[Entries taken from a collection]
--------------------------------
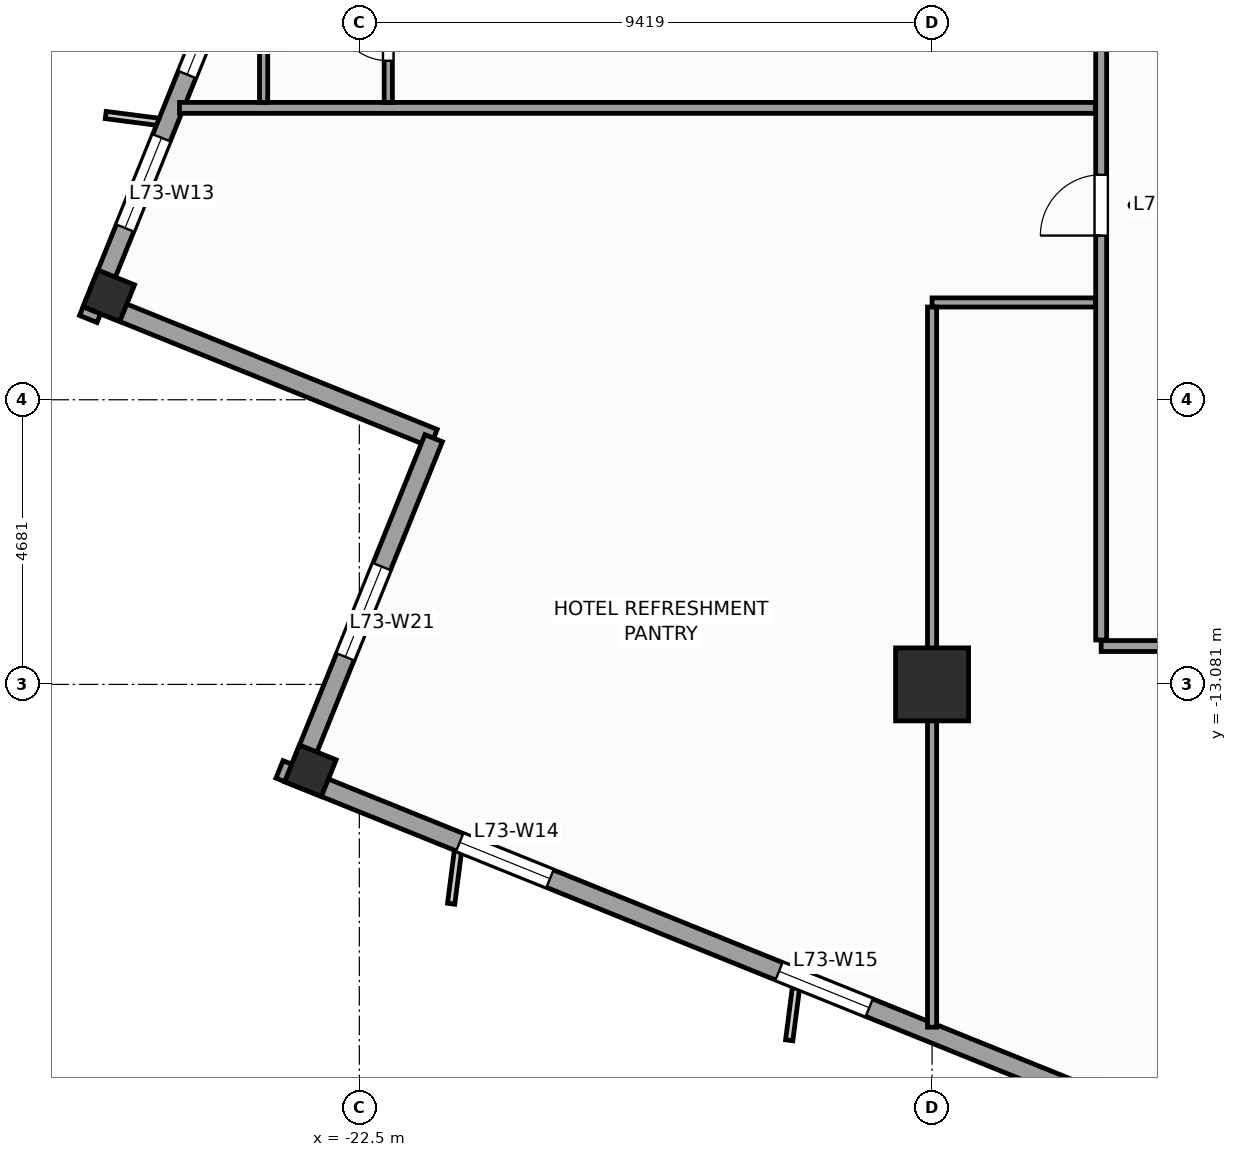
"""IFC4 building model, lengths in metres.
Left out: names, types, materials, properties, quantities, classifications, styles, units other than length and angle.
Written with IfcOpenShell. Run it as: python <this file> out.ifc"""

import sys

from ifc_helpers import new_model, si_unit, direction, frame, frame_2d, origin, origin_2d, place, context, subcontext, project, spatial, rectangle, extrude, source, transform, mapped, element, fill, save


model = new_model("IFC4")
c1 = context("Model", 3, precision=1e-05, world=origin(), true_north=direction((0.0, 1.0)))
c2 = subcontext(c1, "Body", "Model", "MODEL_VIEW")
j1 = project(units=[si_unit("LENGTHUNIT", "METRE"), si_unit("PLANEANGLEUNIT", "RADIAN")], contexts=[c1])
p1 = place(None, origin())
s1 = spatial("IfcSite", under=j1, at=p1, CompositionType="ELEMENT")
p2 = place(p1, origin())
s2 = spatial("IfcBuilding", under=s1, at=p2, CompositionType="ELEMENT")
p3 = place(p2, frame((0.0, 0.0, 297.6)))
s3 = spatial("IfcBuildingStorey", under=s2, at=p3, CompositionType="ELEMENT", Elevation=297.6)
m1 = source(origin(), c2, "Body", "SweptSolid", [
    extrude(rectangle(XDim=1.2, YDim=1.2, at=origin_2d()), origin(), (0.0, 0.0, 1.0), 3.6),
])
p4 = place(p3, frame((-13.081, -13.081, 0.0), z_axis=(0.0, 0.0, 1.0), x_axis=(1.0, 0.0, 0.0)))
e1 = element("IfcColumn", 1, at=p4, inside=s3, PredefinedType="COLUMN", context=c2, shape_type="MappedRepresentation", body=[
    mapped(m1, transform((0.0, 0.0, 0.0), scale=1.0)),
])
m2 = source(origin(), c2, "Body", "SweptSolid", [
    extrude(rectangle(XDim=0.65, YDim=0.65, at=origin_2d()), origin(), (0.0, 0.0, 1.0), 3.6),
])
for number, where, z_axis, x_axis in (
    (2, (-26.62, -6.69, 0.0), (0.0, 0.0, 1.0), (0.375, 0.927, 0.0)),
    (3, (-23.304, -14.501, 0.0), (0.0, 0.0, 1.0), (0.375, 0.927, 0.0)),
):
    element("IfcColumn", number, at=place(p3, frame(where, z_axis=z_axis, x_axis=x_axis)), inside=s3, PredefinedType="COLUMN", context=c2, shape_type="MappedRepresentation", body=[
        mapped(m2, transform((0.0, 0.0, 0.0), scale=1.0)),
    ])
p5 = place(p3, frame((-14.479, 23.813, 0.0), z_axis=(0.0, 0.0, 1.0), x_axis=(-0.374609557019, -0.927182657188, 0.0)))
e4 = element("IfcWall", 4, at=p5, inside=s3, PredefinedType="STANDARD", context=c2, shape_type="SweptSolid", body=[
    extrude(rectangle(XDim=33.31, YDim=0.31, at=frame_2d((16.655, 0.0))), origin(), (0.0, 0.0, 1.0), 2.75),
])
p6 = place(p5, frame((3.197, 0.0, 0.47)))
e5 = element("IfcOpeningElement", 5, at=p6, cuts=e4, PredefinedType="OPENING", context=c2, shape_type="SweptSolid", body=[
    extrude(rectangle(XDim=1.6, YDim=2.1, at=frame_2d((0.8, 1.05))), frame((0.0, 0.165, 0.0), z_axis=(0.0, -1.0, 0.0), x_axis=(1.0, 0.0, 0.0)), (0.0, 0.0, 1.0), 0.33),
])
p7 = place(p5, frame((8.86, 0.0, 0.47)))
e6 = element("IfcOpeningElement", 6, at=p7, cuts=e4, PredefinedType="OPENING", context=c2, shape_type="SweptSolid", body=[
    extrude(rectangle(XDim=1.6, YDim=2.1, at=frame_2d((0.8, 1.05))), frame((0.0, 0.165, 0.0), z_axis=(0.0, -1.0, 0.0), x_axis=(1.0, 0.0, 0.0)), (0.0, 0.0, 1.0), 0.33),
])
p8 = place(p5, frame((14.439, 0.0, 0.47)))
e7 = element("IfcOpeningElement", 7, at=p8, cuts=e4, PredefinedType="OPENING", context=c2, shape_type="SweptSolid", body=[
    extrude(rectangle(XDim=1.6, YDim=2.1, at=frame_2d((0.8, 1.05))), frame((0.0, 0.165, 0.0), z_axis=(0.0, -1.0, 0.0), x_axis=(1.0, 0.0, 0.0)), (0.0, 0.0, 1.0), 0.33),
])
p9 = place(p5, frame((23.351, 0.0, 0.47)))
e8 = element("IfcOpeningElement", 8, at=p9, cuts=e4, PredefinedType="OPENING", context=c2, shape_type="SweptSolid", body=[
    extrude(rectangle(XDim=1.6, YDim=2.1, at=frame_2d((0.8, 1.05))), frame((0.0, 0.165, 0.0), z_axis=(0.0, -1.0, 0.0), x_axis=(1.0, 0.0, 0.0)), (0.0, 0.0, 1.0), 0.33),
])
p10 = place(p5, frame((30.097, 0.0, 0.47)))
e9 = element("IfcOpeningElement", 9, at=p10, cuts=e4, PredefinedType="OPENING", context=c2, shape_type="SweptSolid", body=[
    extrude(rectangle(XDim=1.6, YDim=2.1, at=frame_2d((0.8, 1.05))), frame((0.0, 0.165, 0.0), z_axis=(0.0, -1.0, 0.0), x_axis=(1.0, 0.0, 0.0)), (0.0, 0.0, 1.0), 0.33),
])
p11 = place(p5, frame((27.374, 0.0, 0.47)))
e10 = element("IfcOpeningElement", 10, at=p11, cuts=e4, PredefinedType="OPENING", context=c2, shape_type="SweptSolid", body=[
    extrude(rectangle(XDim=1.6, YDim=2.1, at=frame_2d((0.8, 1.05))), frame((0.0, 0.165, 0.0), z_axis=(0.0, -1.0, 0.0), x_axis=(1.0, 0.0, 0.0)), (0.0, 0.0, 1.0), 0.33),
])
p12 = place(p3, frame((-26.841, -6.784, 0.0), z_axis=(0.0, 0.0, 1.0), x_axis=(0.927171722085, -0.374636620962, 0.0)))
e11 = element("IfcWall", 11, at=p12, inside=s3, PredefinedType="STANDARD", context=c2, shape_type="SweptSolid", body=[
    extrude(rectangle(XDim=6.0, YDim=0.31, at=frame_2d((3.0, 0.0))), origin(), (0.0, 0.0, 1.0), 2.65),
])
p13 = place(p3, frame((-21.278, -9.032, 0.0), z_axis=(0.0, 0.0, 1.0), x_axis=(-0.374602739196, -0.927185411764, 0.0)))
e12 = element("IfcWall", 12, at=p13, inside=s3, PredefinedType="STANDARD", context=c2, shape_type="SweptSolid", body=[
    extrude(rectangle(XDim=6.155, YDim=0.31, at=frame_2d((3.078, 0.0))), origin(), (0.0, 0.0, 1.0), 3.35),
])
p14 = place(p13, frame((2.278, 0.0, 0.47)))
e13 = element("IfcOpeningElement", 13, at=p14, cuts=e12, PredefinedType="OPENING", context=c2, shape_type="SweptSolid", body=[
    extrude(rectangle(XDim=1.6, YDim=2.1, at=frame_2d((0.8, 1.05))), frame((0.0, 0.165, 0.0), z_axis=(0.0, -1.0, 0.0), x_axis=(1.0, 0.0, 0.0)), (0.0, 0.0, 1.0), 0.33),
])
p15 = place(p3, frame((-23.813, -14.479, 0.0), z_axis=(0.0, 0.0, 1.0), x_axis=(0.927182657188, -0.374609557019, 0.0)))
e14 = element("IfcWall", 14, at=p15, inside=s3, PredefinedType="STANDARD", context=c2, shape_type="SweptSolid", body=[
    extrude(rectangle(XDim=33.31, YDim=0.31, at=frame_2d((16.655, 0.0))), origin(), (0.0, 0.0, 1.0), 2.75),
])
p16 = place(p15, frame((22.58, 0.0, 0.0)))
e15 = element("IfcOpeningElement", 15, at=p16, cuts=e14, PredefinedType="OPENING", context=c2, shape_type="SweptSolid", body=[
    extrude(rectangle(XDim=1.05, YDim=2.25, at=frame_2d((0.525, 1.125))), frame((0.0, 0.165, 0.0), z_axis=(0.0, -1.0, 0.0), x_axis=(1.0, 0.0, 0.0)), (0.0, 0.0, 1.0), 0.33),
])
p17 = place(p15, frame((3.197, 0.0, 0.47)))
e16 = element("IfcOpeningElement", 16, at=p17, cuts=e14, PredefinedType="OPENING", context=c2, shape_type="SweptSolid", body=[
    extrude(rectangle(XDim=1.6, YDim=2.1, at=frame_2d((0.8, 1.05))), frame((0.0, 0.165, 0.0), z_axis=(0.0, -1.0, 0.0), x_axis=(1.0, 0.0, 0.0)), (0.0, 0.0, 1.0), 0.33),
])
p18 = place(p15, frame((8.86, 0.0, 0.47)))
e17 = element("IfcOpeningElement", 17, at=p18, cuts=e14, PredefinedType="OPENING", context=c2, shape_type="SweptSolid", body=[
    extrude(rectangle(XDim=1.6, YDim=2.1, at=frame_2d((0.8, 1.05))), frame((0.0, 0.165, 0.0), z_axis=(0.0, -1.0, 0.0), x_axis=(1.0, 0.0, 0.0)), (0.0, 0.0, 1.0), 0.33),
])
p19 = place(p15, frame((14.439, 0.0, 0.47)))
e18 = element("IfcOpeningElement", 18, at=p19, cuts=e14, PredefinedType="OPENING", context=c2, shape_type="SweptSolid", body=[
    extrude(rectangle(XDim=1.6, YDim=2.1, at=frame_2d((0.8, 1.05))), frame((0.0, 0.165, 0.0), z_axis=(0.0, -1.0, 0.0), x_axis=(1.0, 0.0, 0.0)), (0.0, 0.0, 1.0), 0.33),
])
p20 = place(p15, frame((19.601, 0.0, 0.47)))
e19 = element("IfcOpeningElement", 19, at=p20, cuts=e14, PredefinedType="OPENING", context=c2, shape_type="SweptSolid", body=[
    extrude(rectangle(XDim=1.6, YDim=2.1, at=frame_2d((0.8, 1.05))), frame((0.0, 0.165, 0.0), z_axis=(0.0, -1.0, 0.0), x_axis=(1.0, 0.0, 0.0)), (0.0, 0.0, 1.0), 0.33),
])
p21 = place(p15, frame((27.097, 0.0, 0.47)))
e20 = element("IfcOpeningElement", 20, at=p21, cuts=e14, PredefinedType="OPENING", context=c2, shape_type="SweptSolid", body=[
    extrude(rectangle(XDim=1.6, YDim=2.1, at=frame_2d((0.8, 1.05))), frame((0.0, 0.165, 0.0), z_axis=(0.0, -1.0, 0.0), x_axis=(1.0, 0.0, 0.0)), (0.0, 0.0, 1.0), 0.33),
])
p22 = place(p3, frame((-10.3, -12.45, 0.0), z_axis=(0.0, 0.0, 1.0), x_axis=(1.0, 0.0, 0.0)))
e21 = element("IfcWall", 21, at=p22, inside=s3, PredefinedType="PARTITIONING", context=c2, shape_type="SweptSolid", body=[
    extrude(rectangle(XDim=21.65, YDim=0.18, at=frame_2d((10.825, 0.0))), origin(), (0.0, 0.0, 1.0), 3.35),
])
p23 = place(p22, frame((14.786, 0.0, 0.0)))
e22 = element("IfcOpeningElement", 22, at=p23, cuts=e21, PredefinedType="OPENING", context=c2, shape_type="SweptSolid", body=[
    extrude(rectangle(XDim=0.95, YDim=2.1, at=frame_2d((0.475, 1.05))), frame((0.0, 0.1, 0.0), z_axis=(0.0, -1.0, 0.0), x_axis=(1.0, 0.0, 0.0)), (0.0, 0.0, 1.0), 0.2),
])
p24 = place(p22, frame((9.8, 0.0, 0.0)))
e23 = element("IfcOpeningElement", 23, at=p24, cuts=e21, PredefinedType="OPENING", context=c2, shape_type="SweptSolid", body=[
    extrude(rectangle(XDim=1.0, YDim=2.15, at=frame_2d((0.5, 1.075))), frame((0.0, 0.1, 0.0), z_axis=(0.0, -1.0, 0.0), x_axis=(1.0, 0.0, 0.0)), (0.0, 0.0, 1.0), 0.2),
])
p25 = place(p22, frame((3.064, 0.0, 0.0)))
e24 = element("IfcOpeningElement", 24, at=p25, cuts=e21, PredefinedType="OPENING", context=c2, shape_type="SweptSolid", body=[
    extrude(rectangle(XDim=1.0, YDim=2.15, at=frame_2d((0.5, 1.075))), frame((0.0, 0.1, 0.0), z_axis=(0.0, -1.0, 0.0), x_axis=(1.0, 0.0, 0.0)), (0.0, 0.0, 1.0), 0.2),
])
p26 = place(p3, frame((-10.3, -12.35, 0.0), z_axis=(0.0, 0.0, 1.0), x_axis=(0.0, 1.0, 0.0)))
e25 = element("IfcWall", 25, at=p26, inside=s3, PredefinedType="PARTITIONING", context=c2, shape_type="SweptSolid", body=[
    extrude(rectangle(XDim=22.55, YDim=0.18, at=frame_2d((11.275, 0.0))), origin(), (0.0, 0.0, 1.0), 3.35),
])
p27 = place(p26, frame((13.95, 0.0, 0.0)))
e26 = element("IfcOpeningElement", 26, at=p27, cuts=e25, PredefinedType="OPENING", context=c2, shape_type="SweptSolid", body=[
    extrude(rectangle(XDim=1.0, YDim=2.15, at=frame_2d((0.5, 1.075))), frame((0.0, 0.1, 0.0), z_axis=(0.0, -1.0, 0.0), x_axis=(1.0, 0.0, 0.0)), (0.0, 0.0, 1.0), 0.2),
])
p28 = place(p26, frame((17.25, 0.0, 0.0)))
e27 = element("IfcOpeningElement", 27, at=p28, cuts=e25, PredefinedType="OPENING", context=c2, shape_type="SweptSolid", body=[
    extrude(rectangle(XDim=1.0, YDim=2.15, at=frame_2d((0.5, 1.075))), frame((0.0, 0.1, 0.0), z_axis=(0.0, -1.0, 0.0), x_axis=(1.0, 0.0, 0.0)), (0.0, 0.0, 1.0), 0.2),
])
p29 = place(p26, frame((6.65, 0.0, 0.0)))
e28 = element("IfcOpeningElement", 28, at=p29, cuts=e25, PredefinedType="OPENING", context=c2, shape_type="SweptSolid", body=[
    extrude(rectangle(XDim=1.0, YDim=2.15, at=frame_2d((0.5, 1.075))), frame((0.0, 0.1, 0.0), z_axis=(0.0, -1.0, 0.0), x_axis=(1.0, 0.0, 0.0)), (0.0, 0.0, 1.0), 0.2),
])
p30 = place(p26, frame((10.15, 0.0, 0.0)))
e29 = element("IfcOpeningElement", 29, at=p30, cuts=e25, PredefinedType="OPENING", context=c2, shape_type="SweptSolid", body=[
    extrude(rectangle(XDim=1.0, YDim=2.15, at=frame_2d((0.5, 1.075))), frame((0.0, 0.1, 0.0), z_axis=(0.0, -1.0, 0.0), x_axis=(1.0, 0.0, 0.0)), (0.0, 0.0, 1.0), 0.2),
])
p31 = place(p3, frame((-10.395, -3.6, 0.0), z_axis=(0.0, 0.0, 1.0), x_axis=(-1.0, 0.0, 0.0)))
e30 = element("IfcWall", 30, at=p31, inside=s3, PredefinedType="PARTITIONING", context=c2, shape_type="SweptSolid", body=[
    extrude(rectangle(XDim=15.062, YDim=0.18, at=frame_2d((7.531, 0.0))), origin(), (0.0, 0.0, 1.0), 3.02),
])
p32 = place(p3, frame((-10.395, -6.8, 0.0), z_axis=(0.0, 0.0, 1.0), x_axis=(-1.0, 0.0, 0.0)))
e31 = element("IfcWall", 31, at=p32, inside=s3, PredefinedType="PARTITIONING", context=c2, shape_type="SweptSolid", body=[
    extrude(rectangle(XDim=2.686, YDim=0.15, at=frame_2d((1.343, 0.0))), origin(), (0.0, 0.0, 1.0), 3.35),
])
p33 = place(p3, frame((-13.081, -6.875, 0.0), z_axis=(0.0, 0.0, 1.0), x_axis=(0.0, -1.0, 0.0)))
e32 = element("IfcWall", 32, at=p33, inside=s3, PredefinedType="PARTITIONING", context=c2, shape_type="SweptSolid", body=[
    extrude(rectangle(XDim=11.843, YDim=0.15, at=frame_2d((5.921, 0.0))), origin(), (0.0, 0.0, 1.0), 2.45),
])
p34 = place(p3, frame((-22.024, -3.51, 0.0), z_axis=(0.0, 0.0, 1.0), x_axis=(0.0, 1.0, 0.0)))
e33 = element("IfcWall", 33, at=p34, inside=s3, PredefinedType="PARTITIONING", context=c2, shape_type="SweptSolid", body=[
    extrude(rectangle(XDim=2.25, YDim=0.135, at=frame_2d((1.125, 0.0))), origin(), (0.0, 0.0, 1.0), 3.35),
])
p35 = place(p34, frame((0.685, 0.0, 0.0)))
e34 = element("IfcOpeningElement", 34, at=p35, cuts=e33, PredefinedType="OPENING", context=c2, shape_type="SweptSolid", body=[
    extrude(rectangle(XDim=0.88, YDim=2.1, at=frame_2d((0.44, 1.05))), frame((0.0, 0.078, 0.0), z_axis=(0.0, -1.0, 0.0), x_axis=(1.0, 0.0, 0.0)), (0.0, 0.0, 1.0), 0.155),
])
p36 = place(p3, frame((-24.074, -3.51, 0.0), z_axis=(0.0, 0.0, 1.0), x_axis=(0.0, 1.0, 0.0)))
e35 = element("IfcWall", 35, at=p36, inside=s3, PredefinedType="PARTITIONING", context=c2, shape_type="SweptSolid", body=[
    extrude(rectangle(XDim=2.25, YDim=0.135, at=frame_2d((1.125, 0.0))), origin(), (0.0, 0.0, 1.0), 3.35),
])
m3 = source(origin(), c2, "Body", "SweptSolid", [
    extrude(rectangle(XDim=1.6, YDim=2.1, at=frame_2d((0.8, 1.05))), frame((0.0, 0.03, 0.0), z_axis=(0.0, -1.0, 0.0), x_axis=(1.0, 0.0, 0.0)), (0.0, 0.0, 1.0), 0.06),
])
p37 = place(p10, origin())
e36 = element("IfcWindow", 36, at=p37, inside=s3, PartitioningType="SINGLE_PANEL", PredefinedType="WINDOW", context=c2, shape_type="MappedRepresentation", body=[
    mapped(m3, transform((0.0, 0.0, 0.0), scale=1.0)),
])
fill(e9, e36)
p38 = place(p17, origin())
e37 = element("IfcWindow", 37, at=p38, inside=s3, PartitioningType="SINGLE_PANEL", PredefinedType="WINDOW", context=c2, shape_type="MappedRepresentation", body=[
    mapped(m3, transform((0.0, 0.0, 0.0), scale=1.0)),
])
fill(e16, e37)
p39 = place(p18, origin())
e38 = element("IfcWindow", 38, at=p39, inside=s3, PartitioningType="SINGLE_PANEL", PredefinedType="WINDOW", context=c2, shape_type="MappedRepresentation", body=[
    mapped(m3, transform((0.0, 0.0, 0.0), scale=1.0)),
])
fill(e17, e38)
p40 = place(p14, origin())
e39 = element("IfcWindow", 39, at=p40, inside=s3, PartitioningType="SINGLE_PANEL", PredefinedType="WINDOW", context=c2, shape_type="MappedRepresentation", body=[
    mapped(m3, transform((0.0, 0.0, 0.0), scale=1.0)),
])
fill(e13, e39)
m4 = source(origin(), c2, "Body", "SweptSolid", [
    extrude(rectangle(XDim=1.0, YDim=2.15, at=frame_2d((0.5, 1.075))), frame((0.0, 0.025, 0.0), z_axis=(0.0, -1.0, 0.0), x_axis=(1.0, 0.0, 0.0)), (0.0, 0.0, 1.0), 0.05),
])
p41 = place(p29, origin())
e40 = element("IfcDoor", 40, at=p41, inside=s3, OperationType="SINGLE_SWING_LEFT", PredefinedType="DOOR", context=c2, shape_type="MappedRepresentation", body=[
    mapped(m4, transform((0.0, 0.0, 0.0), scale=1.0)),
])
fill(e28, e40)
m5 = source(origin(), c2, "Body", "SweptSolid", [
    extrude(rectangle(XDim=0.88, YDim=2.1, at=frame_2d((0.44, 1.05))), frame((0.0, 0.025, 0.0), z_axis=(0.0, -1.0, 0.0), x_axis=(1.0, 0.0, 0.0)), (0.0, 0.0, 1.0), 0.05),
])
p42 = place(p35, origin())
e41 = element("IfcDoor", 41, at=p42, inside=s3, OperationType="SINGLE_SWING_RIGHT", PredefinedType="DOOR", context=c2, shape_type="MappedRepresentation", body=[
    mapped(m5, transform((0.0, 0.0, 0.0), scale=1.0)),
])
fill(e34, e41)
p43 = place(p11, origin())
e42 = element("IfcWindow", 42, at=p43, inside=s3, PartitioningType="SINGLE_PANEL", PredefinedType="WINDOW", context=c2, shape_type="MappedRepresentation", body=[
    mapped(m3, transform((0.0, 0.0, 0.0), scale=1.0)),
])
fill(e10, e42)
save(model, sys.argv[1])
--------------------------------
Within the entries, count the lines that contain the word "units". Give that number and no more.

2